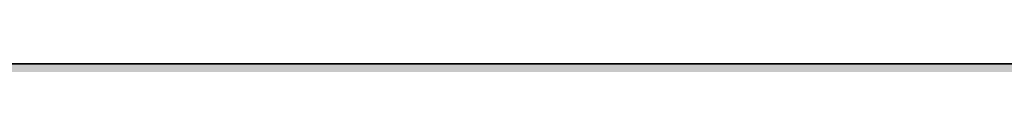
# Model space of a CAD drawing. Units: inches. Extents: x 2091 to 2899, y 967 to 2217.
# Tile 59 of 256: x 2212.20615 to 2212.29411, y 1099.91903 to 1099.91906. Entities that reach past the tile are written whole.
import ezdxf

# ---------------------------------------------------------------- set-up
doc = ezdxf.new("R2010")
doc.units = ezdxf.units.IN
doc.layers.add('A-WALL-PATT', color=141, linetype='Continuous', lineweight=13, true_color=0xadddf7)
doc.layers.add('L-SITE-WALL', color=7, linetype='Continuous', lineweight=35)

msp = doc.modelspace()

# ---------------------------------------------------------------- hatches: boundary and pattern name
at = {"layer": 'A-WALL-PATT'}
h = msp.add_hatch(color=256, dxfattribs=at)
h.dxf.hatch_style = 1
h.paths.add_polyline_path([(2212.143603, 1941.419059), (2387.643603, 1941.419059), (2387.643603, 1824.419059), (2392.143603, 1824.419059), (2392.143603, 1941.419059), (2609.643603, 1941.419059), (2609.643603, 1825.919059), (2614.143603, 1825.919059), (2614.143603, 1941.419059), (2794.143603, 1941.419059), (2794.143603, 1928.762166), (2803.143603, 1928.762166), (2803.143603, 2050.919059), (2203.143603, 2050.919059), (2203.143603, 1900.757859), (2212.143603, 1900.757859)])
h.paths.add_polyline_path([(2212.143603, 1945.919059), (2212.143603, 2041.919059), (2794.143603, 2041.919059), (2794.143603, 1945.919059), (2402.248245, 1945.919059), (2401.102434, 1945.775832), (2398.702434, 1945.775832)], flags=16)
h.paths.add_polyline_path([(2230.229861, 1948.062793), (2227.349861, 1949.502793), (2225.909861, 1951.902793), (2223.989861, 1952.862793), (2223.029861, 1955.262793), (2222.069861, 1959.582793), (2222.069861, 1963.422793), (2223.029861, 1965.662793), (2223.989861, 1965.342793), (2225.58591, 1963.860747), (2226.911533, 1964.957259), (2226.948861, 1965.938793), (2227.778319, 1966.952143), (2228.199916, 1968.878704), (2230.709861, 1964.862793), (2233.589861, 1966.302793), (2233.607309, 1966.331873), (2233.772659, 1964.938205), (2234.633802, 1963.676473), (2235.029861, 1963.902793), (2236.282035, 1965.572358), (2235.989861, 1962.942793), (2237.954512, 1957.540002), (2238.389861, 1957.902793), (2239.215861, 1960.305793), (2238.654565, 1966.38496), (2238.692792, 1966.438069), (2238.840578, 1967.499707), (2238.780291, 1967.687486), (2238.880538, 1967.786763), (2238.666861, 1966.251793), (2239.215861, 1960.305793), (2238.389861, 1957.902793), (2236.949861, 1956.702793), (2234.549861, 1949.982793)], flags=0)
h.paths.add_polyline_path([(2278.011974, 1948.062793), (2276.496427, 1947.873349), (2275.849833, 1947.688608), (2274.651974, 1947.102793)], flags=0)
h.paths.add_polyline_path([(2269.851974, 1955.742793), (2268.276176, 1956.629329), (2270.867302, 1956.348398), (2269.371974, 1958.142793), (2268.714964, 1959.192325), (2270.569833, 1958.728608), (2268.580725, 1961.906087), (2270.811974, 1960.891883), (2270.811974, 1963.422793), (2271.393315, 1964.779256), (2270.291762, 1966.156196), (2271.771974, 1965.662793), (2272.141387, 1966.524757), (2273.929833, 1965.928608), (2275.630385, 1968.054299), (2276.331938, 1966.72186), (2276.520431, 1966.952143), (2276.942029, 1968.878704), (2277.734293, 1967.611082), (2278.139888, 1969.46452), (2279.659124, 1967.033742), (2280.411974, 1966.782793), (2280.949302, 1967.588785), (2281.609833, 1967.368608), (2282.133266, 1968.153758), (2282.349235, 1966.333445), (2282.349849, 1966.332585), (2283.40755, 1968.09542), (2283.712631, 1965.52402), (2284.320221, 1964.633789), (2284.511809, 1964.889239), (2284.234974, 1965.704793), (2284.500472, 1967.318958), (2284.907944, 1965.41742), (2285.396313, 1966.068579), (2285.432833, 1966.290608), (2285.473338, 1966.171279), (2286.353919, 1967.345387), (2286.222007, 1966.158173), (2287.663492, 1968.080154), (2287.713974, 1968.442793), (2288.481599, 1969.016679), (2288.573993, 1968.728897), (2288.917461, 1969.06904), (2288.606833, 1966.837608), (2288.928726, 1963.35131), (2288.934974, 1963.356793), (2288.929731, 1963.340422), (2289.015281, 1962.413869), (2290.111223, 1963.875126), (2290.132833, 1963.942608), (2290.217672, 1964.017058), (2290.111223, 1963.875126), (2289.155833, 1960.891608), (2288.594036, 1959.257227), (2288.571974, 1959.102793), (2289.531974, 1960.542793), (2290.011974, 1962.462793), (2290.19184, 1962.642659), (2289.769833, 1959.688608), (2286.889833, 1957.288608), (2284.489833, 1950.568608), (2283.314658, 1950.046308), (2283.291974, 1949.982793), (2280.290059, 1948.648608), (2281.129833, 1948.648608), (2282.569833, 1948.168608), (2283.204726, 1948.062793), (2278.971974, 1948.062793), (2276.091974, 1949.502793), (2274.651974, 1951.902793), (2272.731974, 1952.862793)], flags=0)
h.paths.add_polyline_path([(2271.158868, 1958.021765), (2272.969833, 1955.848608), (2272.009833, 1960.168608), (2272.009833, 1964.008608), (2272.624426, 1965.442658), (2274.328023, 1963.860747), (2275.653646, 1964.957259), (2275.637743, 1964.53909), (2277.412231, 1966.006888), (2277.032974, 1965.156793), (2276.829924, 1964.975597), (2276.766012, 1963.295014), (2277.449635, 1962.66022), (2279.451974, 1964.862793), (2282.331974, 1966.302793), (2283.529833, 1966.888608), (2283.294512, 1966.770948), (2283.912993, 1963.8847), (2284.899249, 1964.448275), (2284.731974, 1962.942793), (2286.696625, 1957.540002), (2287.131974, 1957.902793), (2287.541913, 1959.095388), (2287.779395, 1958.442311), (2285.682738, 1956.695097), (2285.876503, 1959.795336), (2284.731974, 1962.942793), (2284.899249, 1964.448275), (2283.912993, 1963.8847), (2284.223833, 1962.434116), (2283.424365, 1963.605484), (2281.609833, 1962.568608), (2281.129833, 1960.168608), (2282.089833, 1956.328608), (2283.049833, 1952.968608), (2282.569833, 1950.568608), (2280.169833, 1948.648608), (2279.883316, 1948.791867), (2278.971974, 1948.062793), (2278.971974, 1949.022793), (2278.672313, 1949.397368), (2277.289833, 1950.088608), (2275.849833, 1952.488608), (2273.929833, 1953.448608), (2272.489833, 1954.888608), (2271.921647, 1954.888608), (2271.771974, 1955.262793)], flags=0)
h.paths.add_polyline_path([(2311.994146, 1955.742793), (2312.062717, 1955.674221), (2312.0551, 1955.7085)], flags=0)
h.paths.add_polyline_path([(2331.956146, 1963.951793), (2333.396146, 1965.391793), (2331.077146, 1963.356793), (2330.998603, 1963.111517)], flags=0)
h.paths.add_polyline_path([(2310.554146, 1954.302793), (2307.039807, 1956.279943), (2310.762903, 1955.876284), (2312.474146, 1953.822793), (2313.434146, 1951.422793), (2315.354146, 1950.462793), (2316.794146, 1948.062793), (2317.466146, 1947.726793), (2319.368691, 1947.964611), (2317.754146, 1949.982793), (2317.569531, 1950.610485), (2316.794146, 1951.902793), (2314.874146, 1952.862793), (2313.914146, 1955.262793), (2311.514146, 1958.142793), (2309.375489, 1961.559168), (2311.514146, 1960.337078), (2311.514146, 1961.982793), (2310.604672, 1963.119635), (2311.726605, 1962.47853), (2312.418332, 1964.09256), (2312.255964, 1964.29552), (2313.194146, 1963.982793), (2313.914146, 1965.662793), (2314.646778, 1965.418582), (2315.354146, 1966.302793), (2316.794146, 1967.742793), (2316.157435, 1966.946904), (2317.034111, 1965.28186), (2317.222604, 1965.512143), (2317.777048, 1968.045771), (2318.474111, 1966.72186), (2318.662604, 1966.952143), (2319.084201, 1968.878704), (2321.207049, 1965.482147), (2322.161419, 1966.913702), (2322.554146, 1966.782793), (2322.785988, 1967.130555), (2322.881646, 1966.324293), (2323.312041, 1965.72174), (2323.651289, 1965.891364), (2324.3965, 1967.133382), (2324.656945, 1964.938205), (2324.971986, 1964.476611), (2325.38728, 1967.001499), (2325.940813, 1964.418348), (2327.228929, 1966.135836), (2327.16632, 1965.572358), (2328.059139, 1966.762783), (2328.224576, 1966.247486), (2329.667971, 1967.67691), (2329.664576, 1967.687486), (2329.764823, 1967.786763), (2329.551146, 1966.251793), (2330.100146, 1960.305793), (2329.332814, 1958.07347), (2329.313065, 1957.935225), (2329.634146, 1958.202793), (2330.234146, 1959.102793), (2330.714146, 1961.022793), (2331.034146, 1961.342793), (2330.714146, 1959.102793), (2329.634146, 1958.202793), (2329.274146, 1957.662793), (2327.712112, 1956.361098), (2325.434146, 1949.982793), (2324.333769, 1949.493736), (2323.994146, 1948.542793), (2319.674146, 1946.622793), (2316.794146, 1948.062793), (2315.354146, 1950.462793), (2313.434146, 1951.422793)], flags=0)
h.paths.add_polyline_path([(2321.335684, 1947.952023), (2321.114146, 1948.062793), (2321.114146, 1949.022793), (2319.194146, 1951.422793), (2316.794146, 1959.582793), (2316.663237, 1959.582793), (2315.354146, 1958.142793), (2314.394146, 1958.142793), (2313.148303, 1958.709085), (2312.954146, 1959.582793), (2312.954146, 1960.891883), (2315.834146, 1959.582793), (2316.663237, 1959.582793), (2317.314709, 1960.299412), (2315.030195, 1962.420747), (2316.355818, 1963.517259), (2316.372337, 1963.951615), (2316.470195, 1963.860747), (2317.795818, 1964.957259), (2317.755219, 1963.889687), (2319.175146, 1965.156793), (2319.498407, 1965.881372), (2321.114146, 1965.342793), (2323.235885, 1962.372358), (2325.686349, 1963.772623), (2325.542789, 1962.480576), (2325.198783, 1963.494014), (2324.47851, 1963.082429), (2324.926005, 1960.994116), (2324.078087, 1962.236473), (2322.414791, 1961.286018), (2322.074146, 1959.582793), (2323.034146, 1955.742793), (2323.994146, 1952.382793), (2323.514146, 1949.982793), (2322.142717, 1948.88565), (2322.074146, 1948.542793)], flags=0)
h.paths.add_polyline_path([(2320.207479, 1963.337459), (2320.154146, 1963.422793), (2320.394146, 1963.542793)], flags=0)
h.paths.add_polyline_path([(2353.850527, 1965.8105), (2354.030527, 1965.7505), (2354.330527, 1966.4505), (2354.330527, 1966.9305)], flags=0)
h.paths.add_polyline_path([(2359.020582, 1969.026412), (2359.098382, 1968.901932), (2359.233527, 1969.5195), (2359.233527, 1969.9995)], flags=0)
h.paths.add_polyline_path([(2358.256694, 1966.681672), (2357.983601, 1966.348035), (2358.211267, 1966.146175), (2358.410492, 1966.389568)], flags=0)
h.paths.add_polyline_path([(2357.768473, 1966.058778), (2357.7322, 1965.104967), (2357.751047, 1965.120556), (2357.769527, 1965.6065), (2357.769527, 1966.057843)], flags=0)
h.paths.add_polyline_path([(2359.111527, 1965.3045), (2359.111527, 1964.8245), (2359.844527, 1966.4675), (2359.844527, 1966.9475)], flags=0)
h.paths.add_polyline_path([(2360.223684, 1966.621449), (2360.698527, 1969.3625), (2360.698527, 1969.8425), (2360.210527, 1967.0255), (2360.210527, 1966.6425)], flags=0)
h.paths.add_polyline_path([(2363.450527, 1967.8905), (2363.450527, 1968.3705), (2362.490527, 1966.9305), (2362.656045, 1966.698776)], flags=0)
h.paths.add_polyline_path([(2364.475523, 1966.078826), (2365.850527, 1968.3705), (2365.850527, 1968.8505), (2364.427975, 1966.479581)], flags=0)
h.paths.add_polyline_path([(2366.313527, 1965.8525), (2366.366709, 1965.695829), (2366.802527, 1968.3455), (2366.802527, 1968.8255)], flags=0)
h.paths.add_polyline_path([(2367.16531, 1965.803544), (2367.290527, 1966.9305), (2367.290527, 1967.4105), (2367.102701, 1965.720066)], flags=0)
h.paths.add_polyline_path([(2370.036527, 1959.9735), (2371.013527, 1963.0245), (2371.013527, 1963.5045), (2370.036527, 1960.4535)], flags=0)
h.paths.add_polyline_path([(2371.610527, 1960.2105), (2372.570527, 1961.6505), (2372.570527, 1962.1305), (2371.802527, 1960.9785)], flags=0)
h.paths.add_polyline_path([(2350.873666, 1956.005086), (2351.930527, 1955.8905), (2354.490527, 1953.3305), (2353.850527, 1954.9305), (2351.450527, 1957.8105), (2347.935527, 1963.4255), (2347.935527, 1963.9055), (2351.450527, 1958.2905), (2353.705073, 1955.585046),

Your instructions ▸ Write down exactly the span of lines above from the one containing "1900.757859), (2212.143603, 1900.757859)])" to the one containing "(2398.702434, 1945.775832)], flags=16)", both ends included.

Finished task ▸
h.paths.add_polyline_path([(2212.143603, 1941.419059), (2387.643603, 1941.419059), (2387.643603, 1824.419059), (2392.143603, 1824.419059), (2392.143603, 1941.419059), (2609.643603, 1941.419059), (2609.643603, 1825.919059), (2614.143603, 1825.919059), (2614.143603, 1941.419059), (2794.143603, 1941.419059), (2794.143603, 1928.762166), (2803.143603, 1928.762166), (2803.143603, 2050.919059), (2203.143603, 2050.919059), (2203.143603, 1900.757859), (2212.143603, 1900.757859)])
h.paths.add_polyline_path([(2212.143603, 1945.919059), (2212.143603, 2041.919059), (2794.143603, 2041.919059), (2794.143603, 1945.919059), (2402.248245, 1945.919059), (2401.102434, 1945.775832), (2398.702434, 1945.775832)], flags=16)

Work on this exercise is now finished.